WHAT IS REQUIRED:
Apart from the pictures, write out the records that follow exactly.

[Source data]
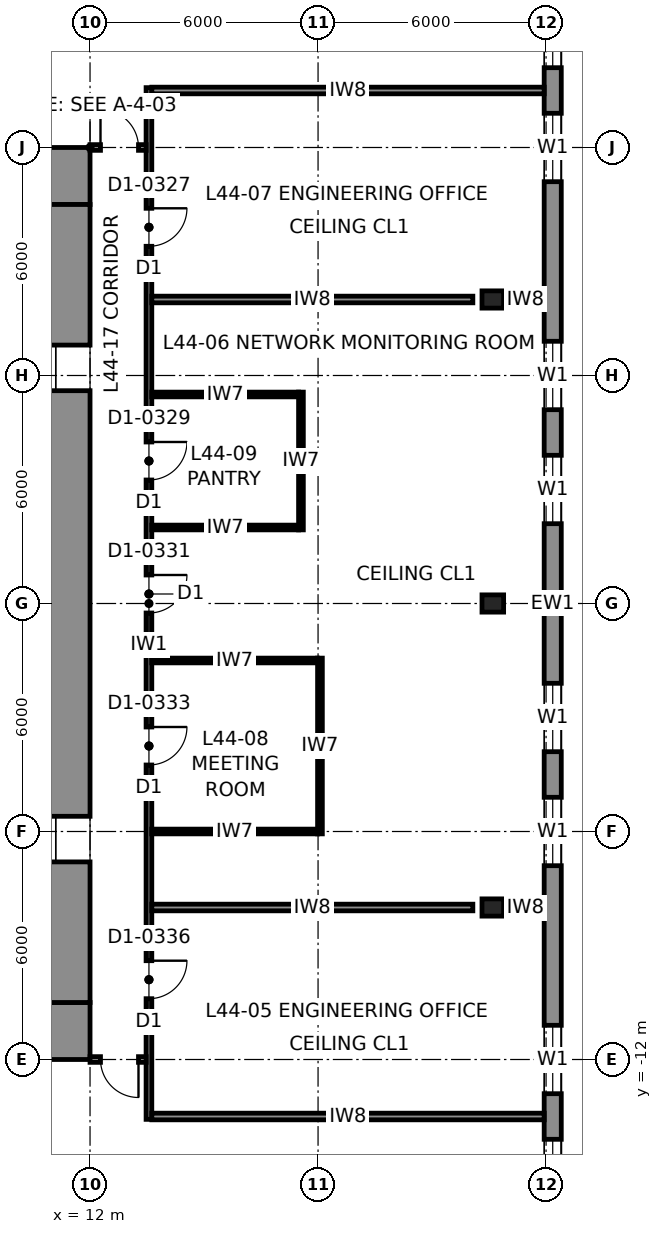
"""IFC4 building model, lengths in metres.
Left out: names, types, materials, properties, quantities, classifications, styles, units other than length and angle.
Written with IfcOpenShell. Run it as: python <this file> out.ifc"""

import sys

from ifc_helpers import new_model, si_unit, direction, frame, frame_2d, origin, origin_2d, place, context, subcontext, project, spatial, rectangle, i_section, extrude, element, fill, save


model = new_model("IFC4")
c1 = context("Model", 3, precision=1e-05, world=origin(), true_north=direction((0.0, 1.0)))
c2 = subcontext(c1, "Body", "Model", "MODEL_VIEW")
j1 = project(units=[si_unit("LENGTHUNIT", "METRE"), si_unit("PLANEANGLEUNIT", "RADIAN")], contexts=[c1])
p1 = place(None, origin())
s1 = spatial("IfcSite", under=j1, at=p1, CompositionType="ELEMENT")
p2 = place(p1, origin())
s2 = spatial("IfcBuilding", under=s1, at=p2, CompositionType="ELEMENT")
p3 = place(p2, frame((0.0, 0.0, 205.8)))
s3 = spatial("IfcBuildingStorey", under=s2, at=p3, CompositionType="ELEMENT", Elevation=205.8)
for number, where, z_axis, x_axis in (
    (1, (22.598, 0.0, 0.0), (-0.04, 0.0, 0.999), (0.0, -1.0, 0.0)),
    (2, (22.598, -8.0, 0.0), (-0.04, 0.0, 0.999), (0.0, -1.0, 0.0)),
    (3, (22.598, 8.0, 0.0), (-0.04, 0.0, 0.999), (0.0, -1.0, 0.0)),
):
    element("IfcColumn", number, at=place(p3, frame(where, z_axis=z_axis, x_axis=x_axis)), inside=s3, PredefinedType="COLUMN", context=c2, shape_type="SweptSolid", body=[
        extrude(i_section(OverallWidth=0.454, OverallDepth=0.569, WebThickness=0.078, FlangeThickness=0.125, at=origin_2d()), origin(), (0.0, 0.0, 1.0), 4.003),
    ])
for number, where, z_axis, x_axis in (
    (4, (-12.0, 11.25, 0.0), (0.0, 0.0, 1.0), (1.0, 0.0, 0.0)),
    (5, (12.0, -11.25, 0.0), (0.0, 0.0, 1.0), (-1.0, 0.0, 0.0)),
):
    element("IfcWall", number, at=place(p3, frame(where, z_axis=z_axis, x_axis=x_axis)), inside=s3, PredefinedType="SHEAR", context=c2, shape_type="SweptSolid", body=[
        extrude(rectangle(XDim=24.0, YDim=1.5, at=frame_2d((12.0, 0.0))), origin(), (0.0, 0.0, 1.0), 4.0),
    ])
p4 = place(p3, frame((11.25, 10.5, 0.0), z_axis=(0.0, 0.0, 1.0), x_axis=(0.0, -1.0, 0.0)))
e6 = element("IfcWall", 6, at=p4, inside=s3, PredefinedType="SHEAR", context=c2, shape_type="SweptSolid", body=[
    extrude(rectangle(XDim=21.0, YDim=1.5, at=frame_2d((10.5, 0.0))), origin(), (0.0, 0.0, 1.0), 4.0),
])
p5 = place(p4, frame((3.7, 0.0, 0.0)))
e7 = element("IfcOpeningElement", 7, at=p5, cuts=e6, PredefinedType="OPENING", context=c2, shape_type="SweptSolid", body=[
    extrude(rectangle(XDim=1.2, YDim=2.3, at=frame_2d((0.6, 1.15))), frame((0.0, 0.76, 0.0), z_axis=(0.0, -1.0, 0.0), x_axis=(1.0, 0.0, 0.0)), (0.0, 0.0, 1.0), 1.52),
])
p6 = place(p4, frame((16.1, 0.0, 0.0)))
e8 = element("IfcOpeningElement", 8, at=p6, cuts=e6, PredefinedType="OPENING", context=c2, shape_type="SweptSolid", body=[
    extrude(rectangle(XDim=1.2, YDim=2.3, at=frame_2d((0.6, 1.15))), frame((0.0, 0.76, 0.0), z_axis=(0.0, -1.0, 0.0), x_axis=(1.0, 0.0, 0.0)), (0.0, 0.0, 1.0), 1.52),
])
p7 = place(p3, frame((24.175, -19.9, 0.0), z_axis=(0.0, 0.0, 1.0), x_axis=(0.0, 1.0, 0.0)))
e9 = element("IfcWall", 9, at=p7, inside=s3, PredefinedType="SOLIDWALL", context=c2, shape_type="SweptSolid", body=[
    extrude(rectangle(XDim=39.8, YDim=0.45, at=frame_2d((19.9, 0.0))), origin(), (0.0, 0.0, 1.0), 3.83),
])
p8 = place(p7, frame((4.0, 0.0, 0.7)))
e10 = element("IfcOpeningElement", 10, at=p8, cuts=e9, PredefinedType="OPENING", context=c2, shape_type="SweptSolid", body=[
    extrude(rectangle(XDim=1.8, YDim=2.6, at=frame_2d((0.9, 1.3))), frame((0.0, 0.235, 0.0), z_axis=(0.0, -1.0, 0.0), x_axis=(1.0, 0.0, 0.0)), (0.0, 0.0, 1.0), 0.47),
])
p9 = place(p7, frame((7.0, 0.0, 0.7)))
e11 = element("IfcOpeningElement", 11, at=p9, cuts=e9, PredefinedType="OPENING", context=c2, shape_type="SweptSolid", body=[
    extrude(rectangle(XDim=1.8, YDim=2.6, at=frame_2d((0.9, 1.3))), frame((0.0, 0.235, 0.0), z_axis=(0.0, -1.0, 0.0), x_axis=(1.0, 0.0, 0.0)), (0.0, 0.0, 1.0), 0.47),
])
p10 = place(p7, frame((13.0, 0.0, 0.7)))
e12 = element("IfcOpeningElement", 12, at=p10, cuts=e9, PredefinedType="OPENING", context=c2, shape_type="SweptSolid", body=[
    extrude(rectangle(XDim=1.8, YDim=2.6, at=frame_2d((0.9, 1.3))), frame((0.0, 0.235, 0.0), z_axis=(0.0, -1.0, 0.0), x_axis=(1.0, 0.0, 0.0)), (0.0, 0.0, 1.0), 0.47),
])
p11 = place(p7, frame((16.0, 0.0, 0.7)))
e13 = element("IfcOpeningElement", 13, at=p11, cuts=e9, PredefinedType="OPENING", context=c2, shape_type="SweptSolid", body=[
    extrude(rectangle(XDim=1.8, YDim=2.6, at=frame_2d((0.9, 1.3))), frame((0.0, 0.235, 0.0), z_axis=(0.0, -1.0, 0.0), x_axis=(1.0, 0.0, 0.0)), (0.0, 0.0, 1.0), 0.47),
])
p12 = place(p7, frame((22.0, 0.0, 0.7)))
e14 = element("IfcOpeningElement", 14, at=p12, cuts=e9, PredefinedType="OPENING", context=c2, shape_type="SweptSolid", body=[
    extrude(rectangle(XDim=1.8, YDim=2.6, at=frame_2d((0.9, 1.3))), frame((0.0, 0.235, 0.0), z_axis=(0.0, -1.0, 0.0), x_axis=(1.0, 0.0, 0.0)), (0.0, 0.0, 1.0), 0.47),
])
p13 = place(p7, frame((25.0, 0.0, 0.7)))
e15 = element("IfcOpeningElement", 15, at=p13, cuts=e9, PredefinedType="OPENING", context=c2, shape_type="SweptSolid", body=[
    extrude(rectangle(XDim=1.8, YDim=2.6, at=frame_2d((0.9, 1.3))), frame((0.0, 0.235, 0.0), z_axis=(0.0, -1.0, 0.0), x_axis=(1.0, 0.0, 0.0)), (0.0, 0.0, 1.0), 0.47),
])
p14 = place(p7, frame((31.0, 0.0, 0.7)))
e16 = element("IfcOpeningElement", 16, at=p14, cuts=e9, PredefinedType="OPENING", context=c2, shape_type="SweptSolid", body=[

SOLUTION TO THIS EXERCISE:
"""IFC4 building model, lengths in metres.
Left out: names, types, materials, properties, quantities, classifications, styles, units other than length and angle.
Written with IfcOpenShell. Run it as: python <this file> out.ifc"""

import sys

from ifc_helpers import new_model, si_unit, direction, frame, frame_2d, origin, origin_2d, place, context, subcontext, project, spatial, rectangle, i_section, extrude, element, fill, save


model = new_model("IFC4")
c1 = context("Model", 3, precision=1e-05, world=origin(), true_north=direction((0.0, 1.0)))
c2 = subcontext(c1, "Body", "Model", "MODEL_VIEW")
j1 = project(units=[si_unit("LENGTHUNIT", "METRE"), si_unit("PLANEANGLEUNIT", "RADIAN")], contexts=[c1])
p1 = place(None, origin())
s1 = spatial("IfcSite", under=j1, at=p1, CompositionType="ELEMENT")
p2 = place(p1, origin())
s2 = spatial("IfcBuilding", under=s1, at=p2, CompositionType="ELEMENT")
p3 = place(p2, frame((0.0, 0.0, 205.8)))
s3 = spatial("IfcBuildingStorey", under=s2, at=p3, CompositionType="ELEMENT", Elevation=205.8)
for number, where, z_axis, x_axis in (
    (1, (22.598, 0.0, 0.0), (-0.04, 0.0, 0.999), (0.0, -1.0, 0.0)),
    (2, (22.598, -8.0, 0.0), (-0.04, 0.0, 0.999), (0.0, -1.0, 0.0)),
    (3, (22.598, 8.0, 0.0), (-0.04, 0.0, 0.999), (0.0, -1.0, 0.0)),
):
    element("IfcColumn", number, at=place(p3, frame(where, z_axis=z_axis, x_axis=x_axis)), inside=s3, PredefinedType="COLUMN", context=c2, shape_type="SweptSolid", body=[
        extrude(i_section(OverallWidth=0.454, OverallDepth=0.569, WebThickness=0.078, FlangeThickness=0.125, at=origin_2d()), origin(), (0.0, 0.0, 1.0), 4.003),
    ])
for number, where, z_axis, x_axis in (
    (4, (-12.0, 11.25, 0.0), (0.0, 0.0, 1.0), (1.0, 0.0, 0.0)),
    (5, (12.0, -11.25, 0.0), (0.0, 0.0, 1.0), (-1.0, 0.0, 0.0)),
):
    element("IfcWall", number, at=place(p3, frame(where, z_axis=z_axis, x_axis=x_axis)), inside=s3, PredefinedType="SHEAR", context=c2, shape_type="SweptSolid", body=[
        extrude(rectangle(XDim=24.0, YDim=1.5, at=frame_2d((12.0, 0.0))), origin(), (0.0, 0.0, 1.0), 4.0),
    ])
p4 = place(p3, frame((11.25, 10.5, 0.0), z_axis=(0.0, 0.0, 1.0), x_axis=(0.0, -1.0, 0.0)))
e6 = element("IfcWall", 6, at=p4, inside=s3, PredefinedType="SHEAR", context=c2, shape_type="SweptSolid", body=[
    extrude(rectangle(XDim=21.0, YDim=1.5, at=frame_2d((10.5, 0.0))), origin(), (0.0, 0.0, 1.0), 4.0),
])
p5 = place(p4, frame((3.7, 0.0, 0.0)))
e7 = element("IfcOpeningElement", 7, at=p5, cuts=e6, PredefinedType="OPENING", context=c2, shape_type="SweptSolid", body=[
    extrude(rectangle(XDim=1.2, YDim=2.3, at=frame_2d((0.6, 1.15))), frame((0.0, 0.76, 0.0), z_axis=(0.0, -1.0, 0.0), x_axis=(1.0, 0.0, 0.0)), (0.0, 0.0, 1.0), 1.52),
])
p6 = place(p4, frame((16.1, 0.0, 0.0)))
e8 = element("IfcOpeningElement", 8, at=p6, cuts=e6, PredefinedType="OPENING", context=c2, shape_type="SweptSolid", body=[
    extrude(rectangle(XDim=1.2, YDim=2.3, at=frame_2d((0.6, 1.15))), frame((0.0, 0.76, 0.0), z_axis=(0.0, -1.0, 0.0), x_axis=(1.0, 0.0, 0.0)), (0.0, 0.0, 1.0), 1.52),
])
p7 = place(p3, frame((24.175, -19.9, 0.0), z_axis=(0.0, 0.0, 1.0), x_axis=(0.0, 1.0, 0.0)))
e9 = element("IfcWall", 9, at=p7, inside=s3, PredefinedType="SOLIDWALL", context=c2, shape_type="SweptSolid", body=[
    extrude(rectangle(XDim=39.8, YDim=0.45, at=frame_2d((19.9, 0.0))), origin(), (0.0, 0.0, 1.0), 3.83),
])
p8 = place(p7, frame((4.0, 0.0, 0.7)))
e10 = element("IfcOpeningElement", 10, at=p8, cuts=e9, PredefinedType="OPENING", context=c2, shape_type="SweptSolid", body=[
    extrude(rectangle(XDim=1.8, YDim=2.6, at=frame_2d((0.9, 1.3))), frame((0.0, 0.235, 0.0), z_axis=(0.0, -1.0, 0.0), x_axis=(1.0, 0.0, 0.0)), (0.0, 0.0, 1.0), 0.47),
])
p9 = place(p7, frame((7.0, 0.0, 0.7)))
e11 = element("IfcOpeningElement", 11, at=p9, cuts=e9, PredefinedType="OPENING", context=c2, shape_type="SweptSolid", body=[
    extrude(rectangle(XDim=1.8, YDim=2.6, at=frame_2d((0.9, 1.3))), frame((0.0, 0.235, 0.0), z_axis=(0.0, -1.0, 0.0), x_axis=(1.0, 0.0, 0.0)), (0.0, 0.0, 1.0), 0.47),
])
p10 = place(p7, frame((13.0, 0.0, 0.7)))
e12 = element("IfcOpeningElement", 12, at=p10, cuts=e9, PredefinedType="OPENING", context=c2, shape_type="SweptSolid", body=[
    extrude(rectangle(XDim=1.8, YDim=2.6, at=frame_2d((0.9, 1.3))), frame((0.0, 0.235, 0.0), z_axis=(0.0, -1.0, 0.0), x_axis=(1.0, 0.0, 0.0)), (0.0, 0.0, 1.0), 0.47),
])
p11 = place(p7, frame((16.0, 0.0, 0.7)))
e13 = element("IfcOpeningElement", 13, at=p11, cuts=e9, PredefinedType="OPENING", context=c2, shape_type="SweptSolid", body=[
    extrude(rectangle(XDim=1.8, YDim=2.6, at=frame_2d((0.9, 1.3))), frame((0.0, 0.235, 0.0), z_axis=(0.0, -1.0, 0.0), x_axis=(1.0, 0.0, 0.0)), (0.0, 0.0, 1.0), 0.47),
])
p12 = place(p7, frame((22.0, 0.0, 0.7)))
e14 = element("IfcOpeningElement", 14, at=p12, cuts=e9, PredefinedType="OPENING", context=c2, shape_type="SweptSolid", body=[
    extrude(rectangle(XDim=1.8, YDim=2.6, at=frame_2d((0.9, 1.3))), frame((0.0, 0.235, 0.0), z_axis=(0.0, -1.0, 0.0), x_axis=(1.0, 0.0, 0.0)), (0.0, 0.0, 1.0), 0.47),
])
p13 = place(p7, frame((25.0, 0.0, 0.7)))
e15 = element("IfcOpeningElement", 15, at=p13, cuts=e9, PredefinedType="OPENING", context=c2, shape_type="SweptSolid", body=[
    extrude(rectangle(XDim=1.8, YDim=2.6, at=frame_2d((0.9, 1.3))), frame((0.0, 0.235, 0.0), z_axis=(0.0, -1.0, 0.0), x_axis=(1.0, 0.0, 0.0)), (0.0, 0.0, 1.0), 0.47),
])
p14 = place(p7, frame((31.0, 0.0, 0.7)))
e16 = element("IfcOpeningElement", 16, at=p14, cuts=e9, PredefinedType="OPENING", context=c2, shape_type="SweptSolid", body=[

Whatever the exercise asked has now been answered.